## EXERCISE GOAL
Where the string "SOLIDWALL" appears in a line of the data, show that line.

=== Begin Enclosure ===

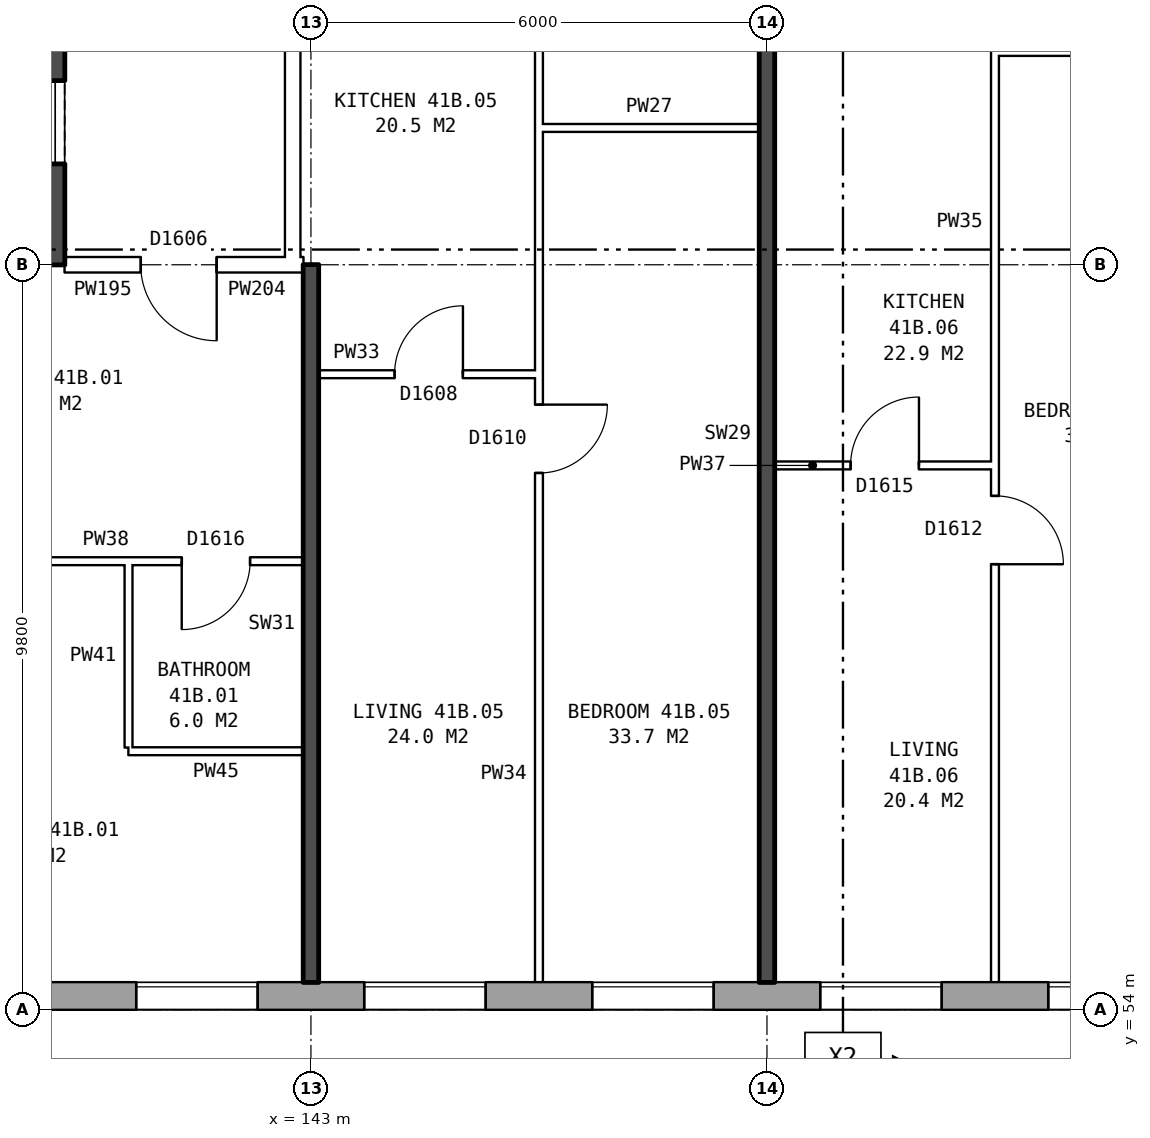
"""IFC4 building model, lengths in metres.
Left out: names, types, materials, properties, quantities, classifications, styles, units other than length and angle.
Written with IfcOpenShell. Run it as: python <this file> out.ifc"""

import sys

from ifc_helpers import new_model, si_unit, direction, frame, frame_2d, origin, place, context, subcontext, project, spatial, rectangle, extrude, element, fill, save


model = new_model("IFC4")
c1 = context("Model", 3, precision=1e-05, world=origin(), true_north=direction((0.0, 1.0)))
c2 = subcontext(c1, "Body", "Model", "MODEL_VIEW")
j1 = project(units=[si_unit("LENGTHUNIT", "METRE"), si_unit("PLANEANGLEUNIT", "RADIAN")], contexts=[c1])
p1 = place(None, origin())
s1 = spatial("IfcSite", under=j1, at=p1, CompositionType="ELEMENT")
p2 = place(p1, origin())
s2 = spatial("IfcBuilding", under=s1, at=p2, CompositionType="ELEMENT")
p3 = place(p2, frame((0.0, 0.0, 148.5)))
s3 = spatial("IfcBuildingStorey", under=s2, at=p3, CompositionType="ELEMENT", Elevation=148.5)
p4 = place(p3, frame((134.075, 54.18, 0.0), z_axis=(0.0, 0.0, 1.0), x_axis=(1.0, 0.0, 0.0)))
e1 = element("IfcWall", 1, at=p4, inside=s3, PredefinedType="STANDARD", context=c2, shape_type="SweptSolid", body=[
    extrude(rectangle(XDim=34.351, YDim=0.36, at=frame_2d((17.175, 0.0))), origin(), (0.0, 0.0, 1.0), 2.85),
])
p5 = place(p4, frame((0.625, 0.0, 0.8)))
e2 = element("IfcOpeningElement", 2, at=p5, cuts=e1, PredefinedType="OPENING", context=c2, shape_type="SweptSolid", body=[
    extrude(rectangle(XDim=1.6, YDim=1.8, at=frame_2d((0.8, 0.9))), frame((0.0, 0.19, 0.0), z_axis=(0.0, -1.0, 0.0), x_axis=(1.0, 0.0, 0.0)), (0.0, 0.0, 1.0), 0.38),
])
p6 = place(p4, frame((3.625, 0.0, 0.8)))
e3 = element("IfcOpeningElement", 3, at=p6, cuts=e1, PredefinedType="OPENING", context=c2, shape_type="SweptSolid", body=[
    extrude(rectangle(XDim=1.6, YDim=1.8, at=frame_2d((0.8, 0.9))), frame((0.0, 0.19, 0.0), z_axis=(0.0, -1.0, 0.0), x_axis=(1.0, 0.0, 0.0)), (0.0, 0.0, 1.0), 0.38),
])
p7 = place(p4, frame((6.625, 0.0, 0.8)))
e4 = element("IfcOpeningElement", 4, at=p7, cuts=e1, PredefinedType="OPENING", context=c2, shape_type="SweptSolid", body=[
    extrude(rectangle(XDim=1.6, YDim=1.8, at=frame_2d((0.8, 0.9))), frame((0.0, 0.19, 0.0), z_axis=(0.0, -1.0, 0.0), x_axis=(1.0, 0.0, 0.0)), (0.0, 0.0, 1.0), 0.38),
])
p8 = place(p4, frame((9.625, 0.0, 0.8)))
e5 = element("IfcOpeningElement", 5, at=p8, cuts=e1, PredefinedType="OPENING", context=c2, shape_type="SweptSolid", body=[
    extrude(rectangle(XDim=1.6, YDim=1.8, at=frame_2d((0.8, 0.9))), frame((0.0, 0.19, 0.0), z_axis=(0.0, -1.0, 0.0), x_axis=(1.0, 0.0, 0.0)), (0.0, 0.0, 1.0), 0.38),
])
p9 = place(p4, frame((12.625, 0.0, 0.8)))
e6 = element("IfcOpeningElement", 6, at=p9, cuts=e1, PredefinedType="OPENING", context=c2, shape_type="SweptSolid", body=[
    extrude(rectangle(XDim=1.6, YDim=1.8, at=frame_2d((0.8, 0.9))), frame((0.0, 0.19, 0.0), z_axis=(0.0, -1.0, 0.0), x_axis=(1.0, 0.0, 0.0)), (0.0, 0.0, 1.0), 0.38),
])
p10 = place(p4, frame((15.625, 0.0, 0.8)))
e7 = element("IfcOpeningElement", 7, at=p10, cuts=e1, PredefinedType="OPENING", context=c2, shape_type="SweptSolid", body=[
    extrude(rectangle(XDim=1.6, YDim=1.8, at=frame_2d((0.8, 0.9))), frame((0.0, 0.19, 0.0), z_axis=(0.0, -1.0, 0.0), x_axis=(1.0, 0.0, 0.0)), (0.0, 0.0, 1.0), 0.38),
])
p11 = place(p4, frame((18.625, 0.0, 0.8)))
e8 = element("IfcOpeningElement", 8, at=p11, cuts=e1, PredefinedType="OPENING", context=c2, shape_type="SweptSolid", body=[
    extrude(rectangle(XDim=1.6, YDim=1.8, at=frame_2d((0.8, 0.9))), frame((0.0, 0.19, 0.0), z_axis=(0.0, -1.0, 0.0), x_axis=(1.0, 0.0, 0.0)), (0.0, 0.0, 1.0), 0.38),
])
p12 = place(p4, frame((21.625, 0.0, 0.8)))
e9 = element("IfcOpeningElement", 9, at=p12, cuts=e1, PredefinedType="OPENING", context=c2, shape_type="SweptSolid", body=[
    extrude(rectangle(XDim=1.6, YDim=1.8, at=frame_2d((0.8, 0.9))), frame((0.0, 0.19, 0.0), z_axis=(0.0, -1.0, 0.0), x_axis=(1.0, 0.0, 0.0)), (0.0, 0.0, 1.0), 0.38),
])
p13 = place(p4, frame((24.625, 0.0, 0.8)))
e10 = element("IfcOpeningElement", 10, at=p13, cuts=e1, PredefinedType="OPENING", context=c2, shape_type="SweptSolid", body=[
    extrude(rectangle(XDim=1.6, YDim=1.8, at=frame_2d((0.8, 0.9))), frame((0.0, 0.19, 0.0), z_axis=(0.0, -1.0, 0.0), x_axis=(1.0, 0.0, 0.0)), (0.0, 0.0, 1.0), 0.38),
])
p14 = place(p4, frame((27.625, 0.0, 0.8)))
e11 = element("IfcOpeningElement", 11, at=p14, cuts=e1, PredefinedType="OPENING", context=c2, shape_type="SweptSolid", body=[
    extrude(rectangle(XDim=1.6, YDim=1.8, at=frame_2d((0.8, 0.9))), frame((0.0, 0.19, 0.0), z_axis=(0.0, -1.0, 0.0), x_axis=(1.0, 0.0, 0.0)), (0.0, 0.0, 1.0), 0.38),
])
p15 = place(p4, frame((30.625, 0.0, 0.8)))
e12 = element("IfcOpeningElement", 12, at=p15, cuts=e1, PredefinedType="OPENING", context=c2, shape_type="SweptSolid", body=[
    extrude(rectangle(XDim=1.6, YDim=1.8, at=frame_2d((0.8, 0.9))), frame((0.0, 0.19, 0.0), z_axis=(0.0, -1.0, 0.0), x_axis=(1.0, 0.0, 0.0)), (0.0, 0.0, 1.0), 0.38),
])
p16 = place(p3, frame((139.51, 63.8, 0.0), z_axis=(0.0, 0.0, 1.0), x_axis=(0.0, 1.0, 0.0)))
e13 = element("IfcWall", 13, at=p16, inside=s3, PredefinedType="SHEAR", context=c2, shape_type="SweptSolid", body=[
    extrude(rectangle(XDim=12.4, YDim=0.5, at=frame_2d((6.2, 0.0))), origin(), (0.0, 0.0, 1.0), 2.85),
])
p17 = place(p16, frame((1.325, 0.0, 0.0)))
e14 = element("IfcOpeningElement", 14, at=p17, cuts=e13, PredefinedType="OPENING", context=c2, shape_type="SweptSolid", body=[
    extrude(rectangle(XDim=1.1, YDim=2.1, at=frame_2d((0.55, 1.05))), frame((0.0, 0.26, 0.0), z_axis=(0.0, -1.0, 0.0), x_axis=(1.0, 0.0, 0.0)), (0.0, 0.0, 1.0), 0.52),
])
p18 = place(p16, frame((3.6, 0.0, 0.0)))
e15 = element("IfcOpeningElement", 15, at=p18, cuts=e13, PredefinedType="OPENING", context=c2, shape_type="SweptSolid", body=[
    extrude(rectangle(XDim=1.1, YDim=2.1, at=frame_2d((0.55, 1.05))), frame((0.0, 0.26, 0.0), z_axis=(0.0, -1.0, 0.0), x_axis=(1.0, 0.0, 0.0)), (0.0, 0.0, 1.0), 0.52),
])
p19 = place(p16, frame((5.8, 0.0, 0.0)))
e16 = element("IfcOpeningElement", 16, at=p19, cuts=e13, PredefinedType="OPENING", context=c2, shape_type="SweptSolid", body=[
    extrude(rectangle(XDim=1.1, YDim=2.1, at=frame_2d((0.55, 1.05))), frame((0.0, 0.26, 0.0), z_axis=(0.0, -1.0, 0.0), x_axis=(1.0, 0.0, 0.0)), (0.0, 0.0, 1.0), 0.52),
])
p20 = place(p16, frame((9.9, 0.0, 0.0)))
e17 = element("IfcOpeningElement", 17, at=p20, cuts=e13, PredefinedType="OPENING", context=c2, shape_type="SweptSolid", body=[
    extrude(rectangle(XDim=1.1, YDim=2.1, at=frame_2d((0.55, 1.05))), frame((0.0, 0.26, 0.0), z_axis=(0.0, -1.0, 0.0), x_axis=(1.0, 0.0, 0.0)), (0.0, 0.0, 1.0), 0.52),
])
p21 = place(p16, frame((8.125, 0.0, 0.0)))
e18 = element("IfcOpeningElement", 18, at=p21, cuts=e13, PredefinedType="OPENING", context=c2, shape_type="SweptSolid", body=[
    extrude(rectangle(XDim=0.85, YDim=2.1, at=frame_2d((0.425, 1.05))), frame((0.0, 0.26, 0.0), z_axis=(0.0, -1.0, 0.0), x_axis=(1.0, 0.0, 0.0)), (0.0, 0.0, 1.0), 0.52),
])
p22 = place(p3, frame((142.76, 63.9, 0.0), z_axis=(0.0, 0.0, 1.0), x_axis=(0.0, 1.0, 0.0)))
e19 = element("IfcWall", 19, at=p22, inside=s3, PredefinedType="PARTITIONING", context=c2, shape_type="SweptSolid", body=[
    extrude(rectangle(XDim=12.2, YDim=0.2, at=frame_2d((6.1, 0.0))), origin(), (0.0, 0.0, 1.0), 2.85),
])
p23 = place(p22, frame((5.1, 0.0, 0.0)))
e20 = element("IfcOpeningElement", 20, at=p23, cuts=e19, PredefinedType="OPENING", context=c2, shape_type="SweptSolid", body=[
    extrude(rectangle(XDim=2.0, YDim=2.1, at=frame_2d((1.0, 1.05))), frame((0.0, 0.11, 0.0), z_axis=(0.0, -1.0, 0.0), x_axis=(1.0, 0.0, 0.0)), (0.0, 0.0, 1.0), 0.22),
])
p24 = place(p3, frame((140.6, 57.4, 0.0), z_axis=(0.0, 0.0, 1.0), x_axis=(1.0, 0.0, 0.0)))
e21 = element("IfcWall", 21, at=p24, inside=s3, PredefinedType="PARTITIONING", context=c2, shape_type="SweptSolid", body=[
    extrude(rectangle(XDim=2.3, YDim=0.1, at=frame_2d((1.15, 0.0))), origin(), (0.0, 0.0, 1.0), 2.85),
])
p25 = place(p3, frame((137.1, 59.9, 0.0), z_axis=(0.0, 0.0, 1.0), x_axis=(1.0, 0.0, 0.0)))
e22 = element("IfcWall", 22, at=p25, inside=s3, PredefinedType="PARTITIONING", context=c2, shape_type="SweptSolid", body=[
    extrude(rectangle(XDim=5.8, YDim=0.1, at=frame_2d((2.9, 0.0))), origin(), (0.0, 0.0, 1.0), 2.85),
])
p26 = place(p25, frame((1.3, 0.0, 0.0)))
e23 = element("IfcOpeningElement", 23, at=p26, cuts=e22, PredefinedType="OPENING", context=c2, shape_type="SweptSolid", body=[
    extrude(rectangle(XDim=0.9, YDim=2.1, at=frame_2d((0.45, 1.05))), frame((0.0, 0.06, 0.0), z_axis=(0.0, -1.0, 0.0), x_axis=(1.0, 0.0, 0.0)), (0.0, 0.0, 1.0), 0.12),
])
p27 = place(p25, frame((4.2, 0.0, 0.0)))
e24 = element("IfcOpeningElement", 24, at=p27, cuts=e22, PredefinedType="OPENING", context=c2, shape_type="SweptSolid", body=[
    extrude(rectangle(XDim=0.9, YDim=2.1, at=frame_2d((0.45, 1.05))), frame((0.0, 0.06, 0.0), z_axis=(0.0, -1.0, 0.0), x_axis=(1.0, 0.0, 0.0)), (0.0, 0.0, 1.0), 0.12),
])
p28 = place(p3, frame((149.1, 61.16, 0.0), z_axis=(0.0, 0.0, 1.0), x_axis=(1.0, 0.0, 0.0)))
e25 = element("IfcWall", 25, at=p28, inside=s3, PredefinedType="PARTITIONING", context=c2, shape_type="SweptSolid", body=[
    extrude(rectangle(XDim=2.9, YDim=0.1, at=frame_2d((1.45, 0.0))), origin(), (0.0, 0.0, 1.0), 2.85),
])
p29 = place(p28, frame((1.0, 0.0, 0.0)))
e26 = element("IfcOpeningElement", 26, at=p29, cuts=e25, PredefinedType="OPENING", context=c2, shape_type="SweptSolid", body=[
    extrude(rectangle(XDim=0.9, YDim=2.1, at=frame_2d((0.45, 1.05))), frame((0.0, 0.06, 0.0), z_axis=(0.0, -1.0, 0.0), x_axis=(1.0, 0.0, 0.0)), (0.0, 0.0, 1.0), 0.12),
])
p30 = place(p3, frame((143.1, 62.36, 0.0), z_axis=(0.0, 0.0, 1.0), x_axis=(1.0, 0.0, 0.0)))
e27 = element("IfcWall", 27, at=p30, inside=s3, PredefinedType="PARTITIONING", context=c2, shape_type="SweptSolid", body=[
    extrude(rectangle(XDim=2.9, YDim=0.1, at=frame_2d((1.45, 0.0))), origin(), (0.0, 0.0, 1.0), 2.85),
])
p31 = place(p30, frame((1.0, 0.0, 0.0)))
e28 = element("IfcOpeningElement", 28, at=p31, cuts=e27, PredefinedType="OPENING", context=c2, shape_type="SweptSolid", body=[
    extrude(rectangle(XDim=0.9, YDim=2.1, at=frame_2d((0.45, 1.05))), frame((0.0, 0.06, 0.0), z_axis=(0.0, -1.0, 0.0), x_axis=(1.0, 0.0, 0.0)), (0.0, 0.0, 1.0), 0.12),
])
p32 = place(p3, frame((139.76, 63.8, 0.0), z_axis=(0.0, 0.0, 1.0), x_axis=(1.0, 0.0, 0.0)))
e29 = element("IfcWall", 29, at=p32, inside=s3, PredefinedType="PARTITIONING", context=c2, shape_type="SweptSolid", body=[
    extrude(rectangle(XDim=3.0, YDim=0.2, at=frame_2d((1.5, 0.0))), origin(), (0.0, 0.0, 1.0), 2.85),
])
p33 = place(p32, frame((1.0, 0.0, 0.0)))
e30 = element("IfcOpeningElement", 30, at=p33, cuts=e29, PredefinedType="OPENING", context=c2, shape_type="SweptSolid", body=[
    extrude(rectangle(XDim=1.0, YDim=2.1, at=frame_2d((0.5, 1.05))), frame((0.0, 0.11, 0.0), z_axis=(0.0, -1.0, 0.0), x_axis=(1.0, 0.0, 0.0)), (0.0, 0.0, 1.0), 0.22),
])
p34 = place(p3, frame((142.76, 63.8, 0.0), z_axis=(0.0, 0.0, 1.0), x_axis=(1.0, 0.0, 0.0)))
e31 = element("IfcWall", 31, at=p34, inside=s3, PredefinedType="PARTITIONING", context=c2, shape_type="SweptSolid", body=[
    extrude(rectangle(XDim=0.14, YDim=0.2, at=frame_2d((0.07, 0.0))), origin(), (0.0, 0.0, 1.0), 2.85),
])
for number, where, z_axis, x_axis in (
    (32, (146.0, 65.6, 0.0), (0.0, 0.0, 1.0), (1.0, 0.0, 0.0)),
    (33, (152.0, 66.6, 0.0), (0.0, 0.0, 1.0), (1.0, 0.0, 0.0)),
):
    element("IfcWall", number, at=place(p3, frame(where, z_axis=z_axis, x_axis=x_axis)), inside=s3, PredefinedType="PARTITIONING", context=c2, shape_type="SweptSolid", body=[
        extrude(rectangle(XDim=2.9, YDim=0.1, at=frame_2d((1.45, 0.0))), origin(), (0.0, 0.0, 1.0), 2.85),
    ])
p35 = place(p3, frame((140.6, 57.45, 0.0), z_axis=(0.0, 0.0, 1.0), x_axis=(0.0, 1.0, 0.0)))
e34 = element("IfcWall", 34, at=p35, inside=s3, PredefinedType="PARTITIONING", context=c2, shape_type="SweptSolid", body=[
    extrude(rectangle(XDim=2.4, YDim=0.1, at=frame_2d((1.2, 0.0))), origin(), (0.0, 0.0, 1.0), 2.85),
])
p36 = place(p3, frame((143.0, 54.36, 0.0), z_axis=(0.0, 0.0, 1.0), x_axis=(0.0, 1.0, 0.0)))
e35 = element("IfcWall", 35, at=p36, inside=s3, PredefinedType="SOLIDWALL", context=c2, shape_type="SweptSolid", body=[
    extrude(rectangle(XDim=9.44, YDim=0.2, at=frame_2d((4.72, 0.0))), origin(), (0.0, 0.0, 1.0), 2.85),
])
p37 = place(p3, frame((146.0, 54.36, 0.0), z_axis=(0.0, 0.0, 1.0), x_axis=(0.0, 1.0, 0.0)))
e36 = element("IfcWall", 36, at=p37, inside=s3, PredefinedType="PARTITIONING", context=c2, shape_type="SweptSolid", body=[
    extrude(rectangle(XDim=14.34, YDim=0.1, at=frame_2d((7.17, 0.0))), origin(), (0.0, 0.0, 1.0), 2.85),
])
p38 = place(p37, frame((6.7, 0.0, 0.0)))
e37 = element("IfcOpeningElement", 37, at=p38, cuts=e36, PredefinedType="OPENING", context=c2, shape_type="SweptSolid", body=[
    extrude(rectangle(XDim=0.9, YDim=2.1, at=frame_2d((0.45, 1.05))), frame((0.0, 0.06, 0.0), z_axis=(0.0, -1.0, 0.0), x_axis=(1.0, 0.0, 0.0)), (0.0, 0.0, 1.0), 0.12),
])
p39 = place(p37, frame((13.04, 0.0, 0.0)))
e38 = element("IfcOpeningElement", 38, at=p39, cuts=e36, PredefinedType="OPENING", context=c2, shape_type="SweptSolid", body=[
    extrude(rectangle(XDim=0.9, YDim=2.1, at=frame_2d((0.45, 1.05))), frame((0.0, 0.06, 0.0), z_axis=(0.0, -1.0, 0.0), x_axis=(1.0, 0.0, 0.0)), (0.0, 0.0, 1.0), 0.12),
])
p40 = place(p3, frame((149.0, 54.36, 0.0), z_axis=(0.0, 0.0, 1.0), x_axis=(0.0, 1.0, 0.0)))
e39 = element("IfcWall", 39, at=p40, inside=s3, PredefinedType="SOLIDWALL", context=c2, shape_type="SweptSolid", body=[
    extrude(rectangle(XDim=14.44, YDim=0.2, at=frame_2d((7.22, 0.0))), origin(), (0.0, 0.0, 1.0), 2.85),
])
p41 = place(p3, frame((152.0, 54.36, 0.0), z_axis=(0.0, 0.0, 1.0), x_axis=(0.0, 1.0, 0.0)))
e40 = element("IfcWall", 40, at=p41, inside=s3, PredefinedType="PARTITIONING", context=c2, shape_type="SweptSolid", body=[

=== End Enclosure ===

## FINISHED EXERCISE
e35 = element("IfcWall", 35, at=p36, inside=s3, PredefinedType="SOLIDWALL", context=c2, shape_type="SweptSolid", body=[
e39 = element("IfcWall", 39, at=p40, inside=s3, PredefinedType="SOLIDWALL", context=c2, shape_type="SweptSolid", body=[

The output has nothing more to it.